Stored data entries
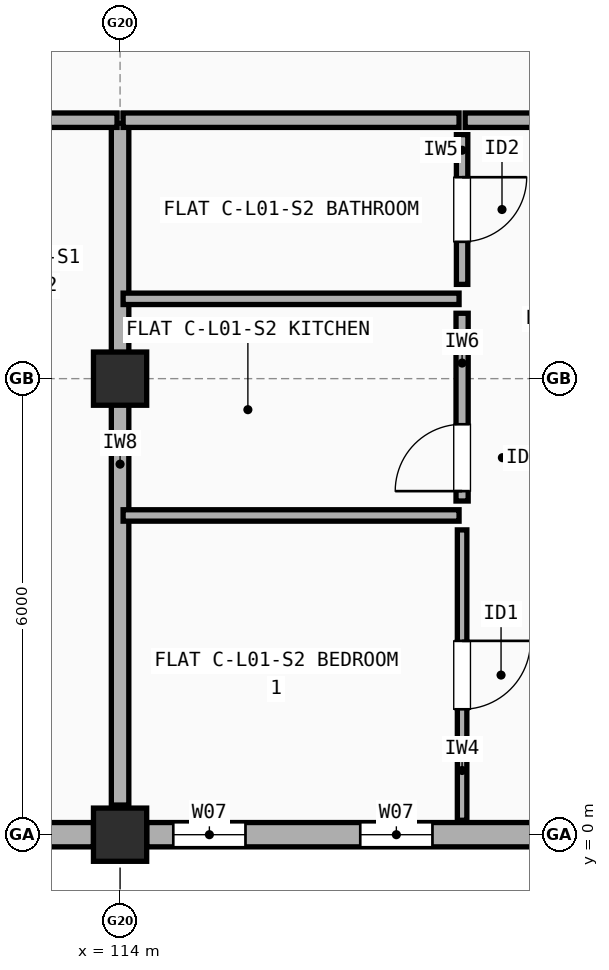
"""IFC4 building model, lengths in metres.
Left out: names, types, materials, properties, quantities, classifications, styles, units other than length and angle.
Written with IfcOpenShell. Run it as: python <this file> out.ifc"""

import sys

from ifc_helpers import new_model, si_unit, direction, frame, frame_2d, origin, origin_2d, place, context, subcontext, project, spatial, rectangle, extrude, element, fill, save


model = new_model("IFC4")
c1 = context("Model", 3, precision=1e-05, world=origin(), true_north=direction((0.0, 1.0)))
c2 = subcontext(c1, "Body", "Model", "MODEL_VIEW")
j1 = project(units=[si_unit("LENGTHUNIT", "METRE"), si_unit("PLANEANGLEUNIT", "RADIAN")], contexts=[c1])
p1 = place(None, origin())
s1 = spatial("IfcSite", under=j1, at=p1, CompositionType="ELEMENT")
p2 = place(p1, origin())
s2 = spatial("IfcBuilding", under=s1, at=p2, CompositionType="ELEMENT")
p3 = place(p2, frame((0.0, 0.0, 4.5)))
s3 = spatial("IfcBuildingStorey", under=s2, at=p3, CompositionType="ELEMENT", Elevation=4.5)
for number, where, z_axis, x_axis in (
    (1, (114.0, 0.0, 0.0), (0.0, 0.0, 1.0), (1.0, 0.0, 0.0)),
    (2, (114.0, 6.0, 0.0), (0.0, 0.0, 1.0), (1.0, 0.0, 0.0)),
):
    element("IfcColumn", number, at=place(p3, frame(where, z_axis=z_axis, x_axis=x_axis)), inside=s3, PredefinedType="COLUMN", context=c2, shape_type="SweptSolid", body=[
        extrude(rectangle(XDim=0.7, YDim=0.7, at=origin_2d()), origin(), (0.0, 0.0, 1.0), 2.945),
    ])
p4 = place(p3, frame((108.35, 0.0, 0.0), z_axis=(0.0, 0.0, 1.0), x_axis=(1.0, 0.0, 0.0)))
e3 = element("IfcWall", 3, at=p4, inside=s3, PredefinedType="STANDARD", context=c2, shape_type="SweptSolid", body=[
    extrude(rectangle(XDim=5.3, YDim=0.32, at=frame_2d((2.65, 0.0))), origin(), (0.0, 0.0, 1.0), 2.427),
])
p5 = place(p4, frame((0.88, 0.0, 0.9)))
e4 = element("IfcOpeningElement", 4, at=p5, cuts=e3, PredefinedType="OPENING", context=c2, shape_type="SweptSolid", body=[
    extrude(rectangle(XDim=0.85, YDim=1.25, at=frame_2d((0.425, 0.625))), frame((0.0, 0.17, 0.0), z_axis=(0.0, -1.0, 0.0), x_axis=(1.0, 0.0, 0.0)), (0.0, 0.0, 1.0), 0.34),
])
p6 = place(p4, frame((3.545, 0.0, 0.9)))
e5 = element("IfcOpeningElement", 5, at=p6, cuts=e3, PredefinedType="OPENING", context=c2, shape_type="SweptSolid", body=[
    extrude(rectangle(XDim=0.9, YDim=1.3, at=frame_2d((0.45, 0.65))), frame((0.0, 0.17, 0.0), z_axis=(0.0, -1.0, 0.0), x_axis=(1.0, 0.0, 0.0)), (0.0, 0.0, 1.0), 0.34),
])
p7 = place(p3, frame((114.35, 0.0, 0.0), z_axis=(0.0, 0.0, 1.0), x_axis=(1.0, 0.0, 0.0)))
e6 = element("IfcWall", 6, at=p7, inside=s3, PredefinedType="STANDARD", context=c2, shape_type="SweptSolid", body=[
    extrude(rectangle(XDim=5.3, YDim=0.32, at=frame_2d((2.65, 0.0))), origin(), (0.0, 0.0, 1.0), 2.427),
])
p8 = place(p7, frame((0.35, 0.0, 0.9)))
e7 = element("IfcOpeningElement", 7, at=p8, cuts=e6, PredefinedType="OPENING", context=c2, shape_type="SweptSolid", body=[
    extrude(rectangle(XDim=0.95, YDim=1.35, at=frame_2d((0.475, 0.675))), frame((0.0, 0.17, 0.0), z_axis=(0.0, -1.0, 0.0), x_axis=(1.0, 0.0, 0.0)), (0.0, 0.0, 1.0), 0.34),
])
p9 = place(p7, frame((2.81, 0.0, 0.9)))
e8 = element("IfcOpeningElement", 8, at=p9, cuts=e6, PredefinedType="OPENING", context=c2, shape_type="SweptSolid", body=[
    extrude(rectangle(XDim=0.95, YDim=1.35, at=frame_2d((0.475, 0.675))), frame((0.0, 0.17, 0.0), z_axis=(0.0, -1.0, 0.0), x_axis=(1.0, 0.0, 0.0)), (0.0, 0.0, 1.0), 0.34),
])
p10 = place(p3, frame((114.0, 0.39, 0.0), z_axis=(0.0, 0.0, 1.0), x_axis=(0.0, 1.0, 0.0)))
e9 = element("IfcWall", 9, at=p10, inside=s3, PredefinedType="SOLIDWALL", context=c2, shape_type="SweptSolid", body=[
    extrude(rectangle(XDim=8.97, YDim=0.23, at=frame_2d((4.485, 0.0))), origin(), (0.0, 0.0, 1.0), 2.327),
])
p11 = place(p3, frame((111.04, 9.4, 0.0), z_axis=(0.0, 0.0, 1.0), x_axis=(1.0, 0.0, 0.0)))
e10 = element("IfcWall", 10, at=p11, inside=s3, PredefinedType="SOLIDWALL", context=c2, shape_type="SweptSolid", body=[
    extrude(rectangle(XDim=2.92, YDim=0.19, at=frame_2d((1.46, 0.0))), origin(), (0.0, 0.0, 1.0), 2.327),
])
p12 = place(p3, frame((114.04, 9.4, 0.0), z_axis=(0.0, 0.0, 1.0), x_axis=(1.0, 0.0, 0.0)))
e11 = element("IfcWall", 11, at=p12, inside=s3, PredefinedType="SOLIDWALL", context=c2, shape_type="SweptSolid", body=[
    extrude(rectangle(XDim=4.42, YDim=0.19, at=frame_2d((2.21, 0.0))), origin(), (0.0, 0.0, 1.0), 2.327),
])
p13 = place(p3, frame((118.54, 9.4, 0.0), z_axis=(0.0, 0.0, 1.0), x_axis=(1.0, 0.0, 0.0)))
e12 = element("IfcWall", 12, at=p13, inside=s3, PredefinedType="SOLIDWALL", context=c2, shape_type="SweptSolid", body=[
    extrude(rectangle(XDim=4.42, YDim=0.19, at=frame_2d((2.21, 0.0))), origin(), (0.0, 0.0, 1.0), 2.327),
])
p14 = place(p13, frame((1.685, 0.0, 0.0)))
e13 = element("IfcOpeningElement", 13, at=p14, cuts=e12, PredefinedType="OPENING", context=c2, shape_type="SweptSolid", body=[
    extrude(rectangle(XDim=1.05, YDim=2.15, at=frame_2d((0.525, 1.075))), frame((0.0, 0.105, 0.0), z_axis=(0.0, -1.0, 0.0), x_axis=(1.0, 0.0, 0.0)), (0.0, 0.0, 1.0), 0.21),
])
p15 = place(p3, frame((118.5, 0.19, 0.0), z_axis=(0.0, 0.0, 1.0), x_axis=(0.0, 1.0, 0.0)))
e14 = element("IfcWall", 14, at=p15, inside=s3, PredefinedType="PARTITIONING", context=c2, shape_type="SweptSolid", body=[
    extrude(rectangle(XDim=3.82, YDim=0.125, at=frame_2d((1.91, 0.0))), origin(), (0.0, 0.0, 1.0), 2.945),
])
p16 = place(p15, frame((1.46, 0.0, 0.0)))
e15 = element("IfcOpeningElement", 15, at=p16, cuts=e14, PredefinedType="OPENING", context=c2, shape_type="SweptSolid", body=[
    extrude(rectangle(XDim=0.9, YDim=2.1, at=frame_2d((0.45, 1.05))), frame((0.0, 0.073, 0.0), z_axis=(0.0, -1.0, 0.0), x_axis=(1.0, 0.0, 0.0)), (0.0, 0.0, 1.0), 0.145),
])
p17 = place(p3, frame((118.5, 4.39, 0.0), z_axis=(0.0, 0.0, 1.0), x_axis=(0.0, 1.0, 0.0)))
e16 = element("IfcWall", 16, at=p17, inside=s3, PredefinedType="PLUMBINGWALL", context=c2, shape_type="SweptSolid", body=[
    extrude(rectangle(XDim=2.47, YDim=0.16, at=frame_2d((1.235, 0.0))), origin(), (0.0, 0.0, 1.0), 2.427),
])
p18 = place(p17, frame((0.13, 0.0, 0.0)))
e17 = element("IfcOpeningElement", 17, at=p18, cuts=e16, PredefinedType="OPENING", context=c2, shape_type="SweptSolid", body=[
    extrude(rectangle(XDim=0.88, YDim=2.1, at=frame_2d((0.44, 1.05))), frame((0.0, 0.09, 0.0), z_axis=(0.0, -1.0, 0.0), x_axis=(1.0, 0.0, 0.0)), (0.0, 0.0, 1.0), 0.18),
])
p19 = place(p3, frame((118.5, 7.24, 0.0), z_axis=(0.0, 0.0, 1.0), x_axis=(0.0, 1.0, 0.0)))
e18 = element("IfcWall", 18, at=p19, inside=s3, PredefinedType="PARTITIONING", context=c2, shape_type="SweptSolid", body=[
    extrude(rectangle(XDim=1.97, YDim=0.15, at=frame_2d((0.985, 0.0))), origin(), (0.0, 0.0, 1.0), 2.945),
])
p20 = place(p19, frame((0.56, 0.0, 0.0)))
e19 = element("IfcOpeningElement", 19, at=p20, cuts=e18, PredefinedType="OPENING", context=c2, shape_type="SweptSolid", body=[
    extrude(rectangle(XDim=0.85, YDim=2.1, at=frame_2d((0.425, 1.05))), frame((0.0, 0.085, 0.0), z_axis=(0.0, -1.0, 0.0), x_axis=(1.0, 0.0, 0.0)), (0.0, 0.0, 1.0), 0.17),
])
for number, where, z_axis, x_axis in (
    (20, (114.04, 4.2, 0.0), (0.0, 0.0, 1.0), (1.0, 0.0, 0.0)),
    (21, (114.04, 7.05, 0.0), (0.0, 0.0, 1.0), (1.0, 0.0, 0.0)),
):
    element("IfcWall", number, at=place(p3, frame(where, z_axis=z_axis, x_axis=x_axis)), inside=s3, PredefinedType="PARTITIONING", context=c2, shape_type="SweptSolid", body=[
        extrude(rectangle(XDim=4.42, YDim=0.15, at=frame_2d((2.21, 0.0))), origin(), (0.0, 0.0, 1.0), 2.327),
    ])
p21 = place(p8, origin())
e22 = element("IfcWindow", 22, at=p21, inside=s3, PartitioningType="SINGLE_PANEL", PredefinedType="WINDOW", context=c2, shape_type="SweptSolid", body=[
    extrude(rectangle(XDim=0.95, YDim=1.35, at=frame_2d((0.475, 0.675))), frame((0.0, 0.03, 0.0), z_axis=(0.0, -1.0, 0.0), x_axis=(1.0, 0.0, 0.0)), (0.0, 0.0, 1.0), 0.06),
])
fill(e7, e22)
p22 = place(p9, origin())
e23 = element("IfcWindow", 23, at=p22, inside=s3, PartitioningType="SINGLE_PANEL", PredefinedType="WINDOW", context=c2, shape_type="SweptSolid", body=[
    extrude(rectangle(XDim=0.95, YDim=1.35, at=frame_2d((0.475, 0.675))), frame((0.0, 0.03, 0.0), z_axis=(0.0, -1.0, 0.0), x_axis=(1.0, 0.0, 0.0)), (0.0, 0.0, 1.0), 0.06),
])
fill(e8, e23)
p23 = place(p16, origin())
e24 = element("IfcDoor", 24, at=p23, inside=s3, OperationType="SINGLE_SWING_RIGHT", PredefinedType="DOOR", context=c2, shape_type="SweptSolid", body=[
    extrude(rectangle(XDim=0.9, YDim=2.1, at=frame_2d((0.45, 1.05))), frame((0.0, 0.025, 0.0), z_axis=(0.0, -1.0, 0.0), x_axis=(1.0, 0.0, 0.0)), (0.0, 0.0, 1.0), 0.05),
])
fill(e15, e24)
p24 = place(p18, origin())
e25 = element("IfcDoor", 25, at=p24, inside=s3, OperationType="SINGLE_SWING_LEFT", PredefinedType="DOOR", context=c2, shape_type="SweptSolid", body=[
    extrude(rectangle(XDim=0.88, YDim=2.1, at=frame_2d((0.44, 1.05))), frame((0.0, 0.025, 0.0), z_axis=(0.0, -1.0, 0.0), x_axis=(1.0, 0.0, 0.0)), (0.0, 0.0, 1.0), 0.05),
])
fill(e17, e25)
p25 = place(p20, origin())
e26 = element("IfcDoor", 26, at=p25, inside=s3, OperationType="SINGLE_SWING_RIGHT", PredefinedType="DOOR", context=c2, shape_type="SweptSolid", body=[
    extrude(rectangle(XDim=0.85, YDim=2.1, at=frame_2d((0.425, 1.05))), frame((0.0, 0.025, 0.0), z_axis=(0.0, -1.0, 0.0), x_axis=(1.0, 0.0, 0.0)), (0.0, 0.0, 1.0), 0.05),
])
fill(e19, e26)
save(model, sys.argv[1])

▸ **TASK TO CARRY OUT**
From the entries above, extract each line containing "CompositionType".

▸ **FINISHED EXERCISE**
s1 = spatial("IfcSite", under=j1, at=p1, CompositionType="ELEMENT")
s2 = spatial("IfcBuilding", under=s1, at=p2, CompositionType="ELEMENT")
s3 = spatial("IfcBuildingStorey", under=s2, at=p3, CompositionType="ELEMENT", Elevation=4.5)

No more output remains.